> **ABOUT THIS TASK**
Where the string "units" shows up in a line of the records, copy that line.

[Saved data entries]
--- START ---
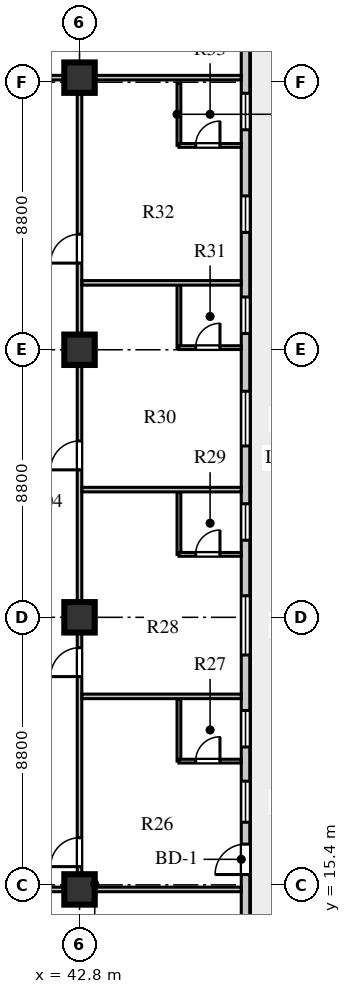
"""IFC4 building model, lengths in metres.
Left out: names, types, materials, properties, quantities, classifications, styles, units other than length and angle.
Written with IfcOpenShell. Run it as: python <this file> out.ifc"""

import sys

from ifc_helpers import new_model, si_unit, direction, frame, frame_2d, origin, origin_2d, place, context, subcontext, project, spatial, rectangle, extrude, element, fill, save


model = new_model("IFC4")
c1 = context("Model", 3, precision=1e-05, world=origin(), true_north=direction((0.0, 1.0)))
c2 = subcontext(c1, "Body", "Model", "MODEL_VIEW")
j1 = project(units=[si_unit("LENGTHUNIT", "METRE"), si_unit("PLANEANGLEUNIT", "RADIAN")], contexts=[c1])
p1 = place(None, origin())
s1 = spatial("IfcSite", under=j1, at=p1, CompositionType="ELEMENT")
p2 = place(p1, origin())
s2 = spatial("IfcBuilding", under=s1, at=p2, CompositionType="ELEMENT")
p3 = place(p2, frame((0.0, 0.0, 127.1)))
s3 = spatial("IfcBuildingStorey", under=s2, at=p3, CompositionType="ELEMENT", Elevation=127.1)
for number, where, z_axis, x_axis in (
    (1, (42.8, 15.25, 0.0), (0.0, 0.0, 1.0), (1.0, 0.0, 0.0)),
    (2, (42.8, 24.2, 0.0), (0.0, 0.0, 1.0), (1.0, 0.0, 0.0)),
    (3, (42.8, 33.0, 0.0), (0.0, 0.0, 1.0), (1.0, 0.0, 0.0)),
    (4, (42.8, 41.95, 0.0), (0.0, 0.0, 1.0), (1.0, 0.0, 0.0)),
):
    element("IfcColumn", number, at=place(p3, frame(where, z_axis=z_axis, x_axis=x_axis)), inside=s3, PredefinedType="COLUMN", context=c2, shape_type="SweptSolid", body=[
        extrude(rectangle(XDim=1.0, YDim=1.0, at=origin_2d()), origin(), (0.0, 0.0, 1.0), 3.6),
    ])
p4 = place(p3, frame((48.26, 13.33, 0.0), z_axis=(0.0, 0.0, 1.0), x_axis=(0.0, 1.0, 0.0)))
e5 = element("IfcWall", 5, at=p4, inside=s3, PredefinedType="STANDARD", context=c2, shape_type="SweptSolid", body=[
    extrude(rectangle(XDim=30.54, YDim=0.28, at=frame_2d((15.27, 0.0))), origin(), (0.0, 0.0, 1.0), 3.6),
])
p5 = place(p4, frame((2.41, 0.0, 0.0)))
e6 = element("IfcOpeningElement", 6, at=p5, cuts=e5, PredefinedType="OPENING", context=c2, shape_type="SweptSolid", body=[
    extrude(rectangle(XDim=1.0, YDim=2.05, at=frame_2d((0.5, 1.025))), frame((0.0, 0.15, 0.0), z_axis=(0.0, -1.0, 0.0), x_axis=(1.0, 0.0, 0.0)), (0.0, 0.0, 1.0), 0.3),
])
p6 = place(p4, frame((4.13, 0.0, 0.8)))
e7 = element("IfcOpeningElement", 7, at=p6, cuts=e5, PredefinedType="OPENING", context=c2, shape_type="SweptSolid", body=[
    extrude(rectangle(XDim=1.35, YDim=1.9, at=frame_2d((0.675, 0.95))), frame((0.0, 0.15, 0.0), z_axis=(0.0, -1.0, 0.0), x_axis=(1.0, 0.0, 0.0)), (0.0, 0.0, 1.0), 0.3),
])
p7 = place(p4, frame((6.605, 0.0, 0.8)))
e8 = element("IfcOpeningElement", 8, at=p7, cuts=e5, PredefinedType="OPENING", context=c2, shape_type="SweptSolid", body=[
    extrude(rectangle(XDim=1.2, YDim=1.75, at=frame_2d((0.6, 0.875))), frame((0.0, 0.15, 0.0), z_axis=(0.0, -1.0, 0.0), x_axis=(1.0, 0.0, 0.0)), (0.0, 0.0, 1.0), 0.3),
])
p8 = place(p4, frame((9.63, 0.0, 0.8)))
e9 = element("IfcOpeningElement", 9, at=p8, cuts=e5, PredefinedType="OPENING", context=c2, shape_type="SweptSolid", body=[
    extrude(rectangle(XDim=1.95, YDim=2.0, at=frame_2d((0.975, 1.0))), frame((0.0, 0.15, 0.0), z_axis=(0.0, -1.0, 0.0), x_axis=(1.0, 0.0, 0.0)), (0.0, 0.0, 1.0), 0.3),
])
p9 = place(p4, frame((13.405, 0.0, 0.8)))
e10 = element("IfcOpeningElement", 10, at=p9, cuts=e5, PredefinedType="OPENING", context=c2, shape_type="SweptSolid", body=[
    extrude(rectangle(XDim=1.2, YDim=1.75, at=frame_2d((0.6, 0.875))), frame((0.0, 0.15, 0.0), z_axis=(0.0, -1.0, 0.0), x_axis=(1.0, 0.0, 0.0)), (0.0, 0.0, 1.0), 0.3),
])
p10 = place(p4, frame((16.505, 0.0, 0.8)))
e11 = element("IfcOpeningElement", 11, at=p10, cuts=e5, PredefinedType="OPENING", context=c2, shape_type="SweptSolid", body=[
    extrude(rectangle(XDim=1.8, YDim=2.0, at=frame_2d((0.9, 1.0))), frame((0.0, 0.15, 0.0), z_axis=(0.0, -1.0, 0.0), x_axis=(1.0, 0.0, 0.0)), (0.0, 0.0, 1.0), 0.3),
])
p11 = place(p4, frame((20.205, 0.0, 0.8)))
e12 = element("IfcOpeningElement", 12, at=p11, cuts=e5, PredefinedType="OPENING", context=c2, shape_type="SweptSolid", body=[
    extrude(rectangle(XDim=1.2, YDim=1.75, at=frame_2d((0.6, 0.875))), frame((0.0, 0.15, 0.0), z_axis=(0.0, -1.0, 0.0), x_axis=(1.0, 0.0, 0.0)), (0.0, 0.0, 1.0), 0.3),
])
p12 = place(p4, frame((23.53, 0.0, 0.8)))
e13 = element("IfcOpeningElement", 13, at=p12, cuts=e5, PredefinedType="OPENING", context=c2, shape_type="SweptSolid", body=[
    extrude(rectangle(XDim=1.2, YDim=1.75, at=frame_2d((0.6, 0.875))), frame((0.0, 0.15, 0.0), z_axis=(0.0, -1.0, 0.0), x_axis=(1.0, 0.0, 0.0)), (0.0, 0.0, 1.0), 0.3),
])
p13 = place(p4, frame((26.905, 0.0, 0.8)))
e14 = element("IfcOpeningElement", 14, at=p13, cuts=e5, PredefinedType="OPENING", context=c2, shape_type="SweptSolid", body=[
    extrude(rectangle(XDim=1.2, YDim=1.75, at=frame_2d((0.6, 0.875))), frame((0.0, 0.15, 0.0), z_axis=(0.0, -1.0, 0.0), x_axis=(1.0, 0.0, 0.0)), (0.0, 0.0, 1.0), 0.3),
])
p14 = place(p3, frame((42.8, 15.25, 0.0), z_axis=(0.0, 0.0, 1.0), x_axis=(0.0, 1.0, 0.0)))
e15 = element("IfcWall", 15, at=p14, inside=s3, PredefinedType="PARTITIONING", context=c2, shape_type="SweptSolid", body=[
    extrude(rectangle(XDim=26.7, YDim=0.15, at=frame_2d((13.35, 0.0))), origin(), (0.0, 0.0, 1.0), 2.95),
])
p15 = place(p14, frame((0.75, 0.0, 0.0)))
e16 = element("IfcOpeningElement", 16, at=p15, cuts=e15, PredefinedType="OPENING", context=c2, shape_type="SweptSolid", body=[
    extrude(rectangle(XDim=0.95, YDim=2.1, at=frame_2d((0.475, 1.05))), frame((0.0, 0.085, 0.0), z_axis=(0.0, -1.0, 0.0), x_axis=(1.0, 0.0, 0.0)), (0.0, 0.0, 1.0), 0.17),
])
p16 = place(p14, frame((7.0, 0.0, 0.0)))
e17 = element("IfcOpeningElement", 17, at=p16, cuts=e15, PredefinedType="OPENING", context=c2, shape_type="SweptSolid", body=[
    extrude(rectangle(XDim=0.95, YDim=2.1, at=frame_2d((0.475, 1.05))), frame((0.0, 0.085, 0.0), z_axis=(0.0, -1.0, 0.0), x_axis=(1.0, 0.0, 0.0)), (0.0, 0.0, 1.0), 0.17),
])
p17 = place(p14, frame((13.8, 0.0, 0.0)))
e18 = element("IfcOpeningElement", 18, at=p17, cuts=e15, PredefinedType="OPENING", context=c2, shape_type="SweptSolid", body=[
    extrude(rectangle(XDim=0.95, YDim=2.1, at=frame_2d((0.475, 1.05))), frame((0.0, 0.085, 0.0), z_axis=(0.0, -1.0, 0.0), x_axis=(1.0, 0.0, 0.0)), (0.0, 0.0, 1.0), 0.17),
])
p18 = place(p14, frame((20.6, 0.0, 0.0)))
e19 = element("IfcOpeningElement", 19, at=p18, cuts=e15, PredefinedType="OPENING", context=c2, shape_type="SweptSolid", body=[
    extrude(rectangle(XDim=0.95, YDim=2.1, at=frame_2d((0.475, 1.05))), frame((0.0, 0.085, 0.0), z_axis=(0.0, -1.0, 0.0), x_axis=(1.0, 0.0, 0.0)), (0.0, 0.0, 1.0), 0.17),
])
for number, where, z_axis, x_axis in (
    (20, (40.82, 15.25, 0.0), (0.0, 0.0, 1.0), (1.0, 0.0, 0.0)),
    (21, (40.82, 41.95, 0.0), (0.0, 0.0, 1.0), (1.0, 0.0, 0.0)),
):
    element("IfcWall", number, at=place(p3, frame(where, z_axis=z_axis, x_axis=x_axis)), inside=s3, PredefinedType="PARTITIONING", context=c2, shape_type="SweptSolid", body=[
        extrude(rectangle(XDim=7.3, YDim=0.15, at=frame_2d((3.65, 0.0))), origin(), (0.0, 0.0, 1.0), 2.95),
    ])
p19 = place(p3, frame((46.07, 19.47, 0.0), z_axis=(0.0, 0.0, 1.0), x_axis=(0.0, 1.0, 0.0)))
e22 = element("IfcWall", 22, at=p19, inside=s3, PredefinedType="PLUMBINGWALL", context=c2, shape_type="SweptSolid", body=[
    extrude(rectangle(XDim=2.05, YDim=0.125, at=frame_2d((1.025, 0.0))), origin(), (0.0, 0.0, 1.0), 3.6),
])
p20 = place(p3, frame((46.07, 19.47, 0.0), z_axis=(0.0, 0.0, 1.0), x_axis=(1.0, 0.0, 0.0)))
e23 = element("IfcWall", 23, at=p20, inside=s3, PredefinedType="PLUMBINGWALL", context=c2, shape_type="SweptSolid", body=[
    extrude(rectangle(XDim=2.05, YDim=0.125, at=frame_2d((1.025, 0.0))), origin(), (0.0, 0.0, 1.0), 3.6),
])
p21 = place(p20, frame((0.55, 0.0, 0.0)))
e24 = element("IfcOpeningElement", 24, at=p21, cuts=e23, PredefinedType="OPENING", context=c2, shape_type="SweptSolid", body=[
    extrude(rectangle(XDim=0.8, YDim=2.05, at=frame_2d((0.4, 1.025))), frame((0.0, 0.073, 0.0), z_axis=(0.0, -1.0, 0.0), x_axis=(1.0, 0.0, 0.0)), (0.0, 0.0, 1.0), 0.145),
])
p22 = place(p3, frame((42.88, 21.6, 0.0), z_axis=(0.0, 0.0, 1.0), x_axis=(1.0, 0.0, 0.0)))
e25 = element("IfcWall", 25, at=p22, inside=s3, PredefinedType="PARTITIONING", context=c2, shape_type="SweptSolid", body=[
    extrude(rectangle(XDim=5.24, YDim=0.15, at=frame_2d((2.62, 0.0))), origin(), (0.0, 0.0, 1.0), 3.6),
])
p23 = place(p3, frame((46.07, 26.27, 0.0), z_axis=(0.0, 0.0, 1.0), x_axis=(0.0, 1.0, 0.0)))
e26 = element("IfcWall", 26, at=p23, inside=s3, PredefinedType="PLUMBINGWALL", context=c2, shape_type="SweptSolid", body=[
    extrude(rectangle(XDim=2.05, YDim=0.125, at=frame_2d((1.025, 0.0))), origin(), (0.0, 0.0, 1.0), 3.6),
])
p24 = place(p3, frame((46.07, 26.27, 0.0), z_axis=(0.0, 0.0, 1.0), x_axis=(1.0, 0.0, 0.0)))
e27 = element("IfcWall", 27, at=p24, inside=s3, PredefinedType="PLUMBINGWALL", context=c2, shape_type="SweptSolid", body=[
    extrude(rectangle(XDim=2.05, YDim=0.125, at=frame_2d((1.025, 0.0))), origin(), (0.0, 0.0, 1.0), 3.6),
])
p25 = place(p24, frame((0.55, 0.0, 0.0)))
e28 = element("IfcOpeningElement", 28, at=p25, cuts=e27, PredefinedType="OPENING", context=c2, shape_type="SweptSolid", body=[
    extrude(rectangle(XDim=0.8, YDim=2.05, at=frame_2d((0.4, 1.025))), frame((0.0, 0.073, 0.0), z_axis=(0.0, -1.0, 0.0), x_axis=(1.0, 0.0, 0.0)), (0.0, 0.0, 1.0), 0.145),
])
p26 = place(p3, frame((42.88, 28.4, 0.0), z_axis=(0.0, 0.0, 1.0), x_axis=(1.0, 0.0, 0.0)))
e29 = element("IfcWall", 29, at=p26, inside=s3, PredefinedType="PARTITIONING", context=c2, shape_type="SweptSolid", body=[
    extrude(rectangle(XDim=5.24, YDim=0.15, at=frame_2d((2.62, 0.0))), origin(), (0.0, 0.0, 1.0), 3.6),
])
p27 = place(p3, frame((46.07, 33.07, 0.0), z_axis=(0.0, 0.0, 1.0), x_axis=(0.0, 1.0, 0.0)))
e30 = element("IfcWall", 30, at=p27, inside=s3, PredefinedType="PLUMBINGWALL", context=c2, shape_type="SweptSolid", body=[
    extrude(rectangle(XDim=2.05, YDim=0.125, at=frame_2d((1.025, 0.0))), origin(), (0.0, 0.0, 1.0), 3.6),
])
p28 = place(p3, frame((46.07, 33.07, 0.0), z_axis=(0.0, 0.0, 1.0), x_axis=(1.0, 0.0, 0.0)))
e31 = element("IfcWall", 31, at=p28, inside=s3, PredefinedType="PLUMBINGWALL", context=c2, shape_type="SweptSolid", body=[
    extrude(rectangle(XDim=2.05, YDim=0.125, at=frame_2d((1.025, 0.0))), origin(), (0.0, 0.0, 1.0), 3.1),
])
p29 = place(p28, frame((0.55, 0.0, 0.0)))
e32 = element("IfcOpeningElement", 32, at=p29, cuts=e31, PredefinedType="OPENING", context=c2, shape_type="SweptSolid", body=[
    extrude(rectangle(XDim=0.8, YDim=2.05, at=frame_2d((0.4, 1.025))), frame((0.0, 0.073, 0.0), z_axis=(0.0, -1.0, 0.0), x_axis=(1.0, 0.0, 0.0)), (0.0, 0.0, 1.0), 0.145),
])
p30 = place(p3, frame((42.88, 35.2, 0.0), z_axis=(0.0, 0.0, 1.0), x_axis=(1.0, 0.0, 0.0)))
e33 = element("IfcWall", 33, at=p30, inside=s3, PredefinedType="PARTITIONING", context=c2, shape_type="SweptSolid", body=[
    extrude(rectangle(XDim=5.24, YDim=0.15, at=frame_2d((2.62, 0.0))), origin(), (0.0, 0.0, 1.0), 3.6),
])
p31 = place(p3, frame((46.07, 39.72, 0.0), z_axis=(0.0, 0.0, 1.0), x_axis=(0.0, 1.0, 0.0)))
e34 = element("IfcWall", 34, at=p31, inside=s3, PredefinedType="PLUMBINGWALL", context=c2, shape_type="SweptSolid", body=[
    extrude(rectangle(XDim=2.05, YDim=0.125, at=frame_2d((1.025, 0.0))), origin(), (0.0, 0.0, 1.0), 3.6),
])
p32 = place(p3, frame((46.07, 39.72, 0.0), z_axis=(0.0, 0.0, 1.0), x_axis=(1.0, 0.0, 0.0)))
e35 = element("IfcWall", 35, at=p32, inside=s3, PredefinedType="PLUMBINGWALL", context=c2, shape_type="SweptSolid", body=[
    extrude(rectangle(XDim=2.05, YDim=0.125, at=frame_2d((1.025, 0.0))), origin(), (0.0, 0.0, 1.0), 3.6),
])
p33 = place(p32, frame((0.55, 0.0, 0.0)))
e36 = element("IfcOpeningElement", 36, at=p33, cuts=e35, PredefinedType="OPENING", context=c2, shape_type="SweptSolid", body=[
    extrude(rectangle(XDim=0.8, YDim=2.05, at=frame_2d((0.4, 1.025))), frame((0.0, 0.073, 0.0), z_axis=(0.0, -1.0, 0.0), x_axis=(1.0, 0.0, 0.0)), (0.0, 0.0, 1.0), 0.145),
])
p34 = place(p5, frame((1.0, 0.0, 0.0), z_axis=(0.0, 0.0, 1.0), x_axis=(-1.0, 0.0, 0.0)))
e37 = element("IfcDoor", 37, at=p34, inside=s3, OperationType="SINGLE_SWING_RIGHT", PredefinedType="DOOR", context=c2, shape_type="SweptSolid", body=[
    extrude(rectangle(XDim=1.0, YDim=2.05, at=frame_2d((0.5, 1.025))), frame((0.0, 0.025, 0.0), z_axis=(0.0, -1.0, 0.0), x_axis=(1.0, 0.0, 0.0)), (0.0, 0.0, 1.0), 0.05),
])
fill(e6, e37)
p35 = place(p6, origin())
e38 = element("IfcWindow", 38, at=p35, inside=s3, PartitioningType="SINGLE_PANEL", PredefinedType="WINDOW", context=c2, shape_type="SweptSolid", body=[
    extrude(rectangle(XDim=1.35, YDim=1.9, at=frame_2d((0.675, 0.95))), frame((0.0, 0.03, 0.0), z_axis=(0.0, -1.0, 0.0), x_axis=(1.0, 0.0, 0.0)), (0.0, 0.0, 1.0), 0.06),
])
fill(e7, e38)
p36 = place(p7, origin())
e39 = element("IfcWindow", 39, at=p36, inside=s3, PartitioningType="SINGLE_PANEL", PredefinedType="WINDOW", context=c2, shape_type="SweptSolid", body=[
    extrude(rectangle(XDim=1.2, YDim=1.75, at=frame_2d((0.6, 0.875))), frame((0.0, 0.03, 0.0), z_axis=(0.0, -1.0, 0.0), x_axis=(1.0, 0.0, 0.0)), (0.0, 0.0, 1.0), 0.06),
])
fill(e8, e39)
p37 = place(p8, origin())
e40 = element("IfcWindow", 40, at=p37, inside=s3, PartitioningType="SINGLE_PANEL", PredefinedType="WINDOW", context=c2, shape_type="SweptSolid", body=[
    extrude(rectangle(XDim=1.95, YDim=2.0, at=frame_2d((0.975, 1.0))), frame((0.0, 0.03, 0.0), z_axis=(0.0, -1.0, 0.0), x_axis=(1.0, 0.0, 0.0)), (0.0, 0.0, 1.0), 0.06),
])
fill(e9, e40)
p38 = place(p9, origin())
e41 = element("IfcWindow", 41, at=p38, inside=s3, PartitioningType="SINGLE_PANEL", PredefinedType="WINDOW", context=c2, shape_type="SweptSolid", body=[
    extrude(rectangle(XDim=1.2, YDim=1.75, at=frame_2d((0.6, 0.875))), frame((0.0, 0.03, 0.0), z_axis=(0.0, -1.0, 0.0), x_axis=(1.0, 0.0, 0.0)), (0.0, 0.0, 1.0), 0.06),
])
fill(e10, e41)
p39 = place(p10, origin())
e42 = element("IfcWindow", 42, at=p39, inside=s3, PartitioningType="SINGLE_PANEL", PredefinedType="WINDOW", context=c2, shape_type="SweptSolid", body=[
    extrude(rectangle(XDim=1.8, YDim=2.0, at=frame_2d((0.9, 1.0))), frame((0.0, 0.03, 0.0), z_axis=(0.0, -1.0, 0.0), x_axis=(1.0, 0.0, 0.0)), (0.0, 0.0, 1.0), 0.06),
])
fill(e11, e42)
p40 = place(p11, origin())
e43 = element("IfcWindow", 43, at=p40, inside=s3, PartitioningType="SINGLE_PANEL", PredefinedType="WINDOW", context=c2, shape_type="SweptSolid", body=[
    extrude(rectangle(XDim=1.2, YDim=1.75, at=frame_2d((0.6, 0.875))), frame((0.0, 0.03, 0.0), z_axis=(0.0, -1.0, 0.0), x_axis=(1.0, 0.0, 0.0)), (0.0, 0.0, 1.0), 0.06),
])
fill(e12, e43)
p41 = place(p12, origin())
e44 = element("IfcWindow", 44, at=p41, inside=s3, PartitioningType="SINGLE_PANEL", PredefinedType="WINDOW", context=c2, shape_type="SweptSolid", body=[
    extrude(rectangle(XDim=1.2, YDim=1.75, at=frame_2d((0.6, 0.875))), frame((0.0, 0.03, 0.0), z_axis=(0.0, -1.0, 0.0), x_axis=(1.0, 0.0, 0.0)), (0.0, 0.0, 1.0), 0.06),
])
fill(e13, e44)
p42 = place(p13, origin())
e45 = element("IfcWindow", 45, at=p42, inside=s3, PartitioningType="SINGLE_PANEL", PredefinedType="WINDOW", context=c2, shape_type="SweptSolid", body=[
    extrude(rectangle(XDim=1.2, YDim=1.75, at=frame_2d((0.6, 0.875))), frame((0.0, 0.03, 0.0), z_axis=(0.0, -1.0, 0.0), x_axis=(1.0, 0.0, 0.0)), (0.0, 0.0, 1.0), 0.06),
])
fill(e14, e45)
p43 = place(p15, origin())
e46 = element("IfcDoor", 46, at=p43, inside=s3, OperationType="SINGLE_SWING_LEFT", PredefinedType="DOOR", context=c2, shape_type="SweptSolid", body=[
    extrude(rectangle(XDim=0.95, YDim=2.1, at=frame_2d((0.475, 1.05))), frame((0.0, 0.025, 0.0), z_axis=(0.0, -1.0, 0.0), x_axis=(1.0, 0.0, 0.0)), (0.0, 0.0, 1.0), 0.05),
])
fill(e16, e46)
p44 = place(p21, frame((0.8, 0.0, 0.0), z_axis=(0.0, 0.0, 1.0), x_axis=(-1.0, 0.0, 0.0)))
e47 = element("IfcDoor", 47, at=p44, inside=s3, OperationType="SINGLE_SWING_LEFT", PredefinedType="DOOR", context=c2, shape_type="SweptSolid", body=[
    extrude(rectangle(XDim=0.8, YDim=2.05, at=frame_2d((0.4, 1.025))), frame((0.0, 0.025, 0.0), z_axis=(0.0, -1.0, 0.0), x_axis=(1.0, 0.0, 0.0)), (0.0, 0.0, 1.0), 0.05),
])
fill(e24, e47)
p45 = place(p16, origin())
e48 = element("IfcDoor", 48, at=p45, inside=s3, OperationType="SINGLE_SWING_LEFT", PredefinedType="DOOR", context=c2, shape_type="SweptSolid", body=[
    extrude(rectangle(XDim=0.95, YDim=2.1, at=frame_2d((0.475, 1.05))), frame((0.0, 0.025, 0.0), z_axis=(0.0, -1.0, 0.0), x_axis=(1.0, 0.0, 0.0)), (0.0, 0.0, 1.0), 0.05),
])
fill(e17, e48)
p46 = place(p25, frame((0.8, 0.0, 0.0), z_axis=(0.0, 0.0, 1.0), x_axis=(-1.0, 0.0, 0.0)))
e49 = element("IfcDoor", 49, at=p46, inside=s3, OperationType="SINGLE_SWING_LEFT", PredefinedType="DOOR", context=c2, shape_type="SweptSolid", body=[
    extrude(rectangle(XDim=0.8, YDim=2.05, at=frame_2d((0.4, 1.025))), frame((0.0, 0.025, 0.0), z_axis=(0.0, -1.0, 0.0), x_axis=(1.0, 0.0, 0.0)), (0.0, 0.0, 1.0), 0.05),
])
fill(e28, e49)
p47 = place(p17, origin())
e50 = element("IfcDoor", 50, at=p47, inside=s3, OperationType="SINGLE_SWING_LEFT", PredefinedType="DOOR", context=c2, shape_type="SweptSolid", body=[
    extrude(rectangle(XDim=0.95, YDim=2.1, at=frame_2d((0.475, 1.05))), frame((0.0, 0.025, 0.0), z_axis=(0.0, -1.0, 0.0), x_axis=(1.0, 0.0, 0.0)), (0.0, 0.0, 1.0), 0.05),
])
fill(e18, e50)
p48 = place(p29, frame((0.8, 0.0, 0.0), z_axis=(0.0, 0.0, 1.0), x_axis=(-1.0, 0.0, 0.0)))
e51 = element("IfcDoor", 51, at=p48, inside=s3, OperationType="SINGLE_SWING_LEFT", PredefinedType="DOOR", context=c2, shape_type="SweptSolid", body=[
    extrude(rectangle(XDim=0.8, YDim=2.05, at=frame_2d((0.4, 1.025))), frame((0.0, 0.025, 0.0), z_axis=(0.0, -1.0, 0.0), x_axis=(1.0, 0.0, 0.0)), (0.0, 0.0, 1.0), 0.05),
])
fill(e32, e51)
p49 = place(p18, origin())
e52 = element("IfcDoor", 52, at=p49, inside=s3, OperationType="SINGLE_SWING_LEFT", PredefinedType="DOOR", context=c2, shape_type="SweptSolid", body=[
    extrude(rectangle(XDim=0.95, YDim=2.1, at=frame_2d((0.475, 1.05))), frame((0.0, 0.025, 0.0), z_axis=(0.0, -1.0, 0.0), x_axis=(1.0, 0.0, 0.0)), (0.0, 0.0, 1.0), 0.05),
])
fill(e19, e52)
p50 = place(p33, frame((0.8, 0.0, 0.0), z_axis=(0.0, 0.0, 1.0), x_axis=(-1.0, 0.0, 0.0)))
e53 = element("IfcDoor", 53, at=p50, inside=s3, OperationType="SINGLE_SWING_LEFT", PredefinedType="DOOR", context=c2, shape_type="SweptSolid", body=[
    extrude(rectangle(XDim=0.8, YDim=2.05, at=frame_2d((0.4, 1.025))), frame((0.0, 0.025, 0.0), z_axis=(0.0, -1.0, 0.0), x_axis=(1.0, 0.0, 0.0)), (0.0, 0.0, 1.0), 0.05),
])
fill(e36, e53)
save(model, sys.argv[1])
--- END ---
> **WRITTEN REPLY**
Left out: names, types, materials, properties, quantities, classifications, styles, units other than length and angle.
j1 = project(units=[si_unit("LENGTHUNIT", "METRE"), si_unit("PLANEANGLEUNIT", "RADIAN")], contexts=[c1])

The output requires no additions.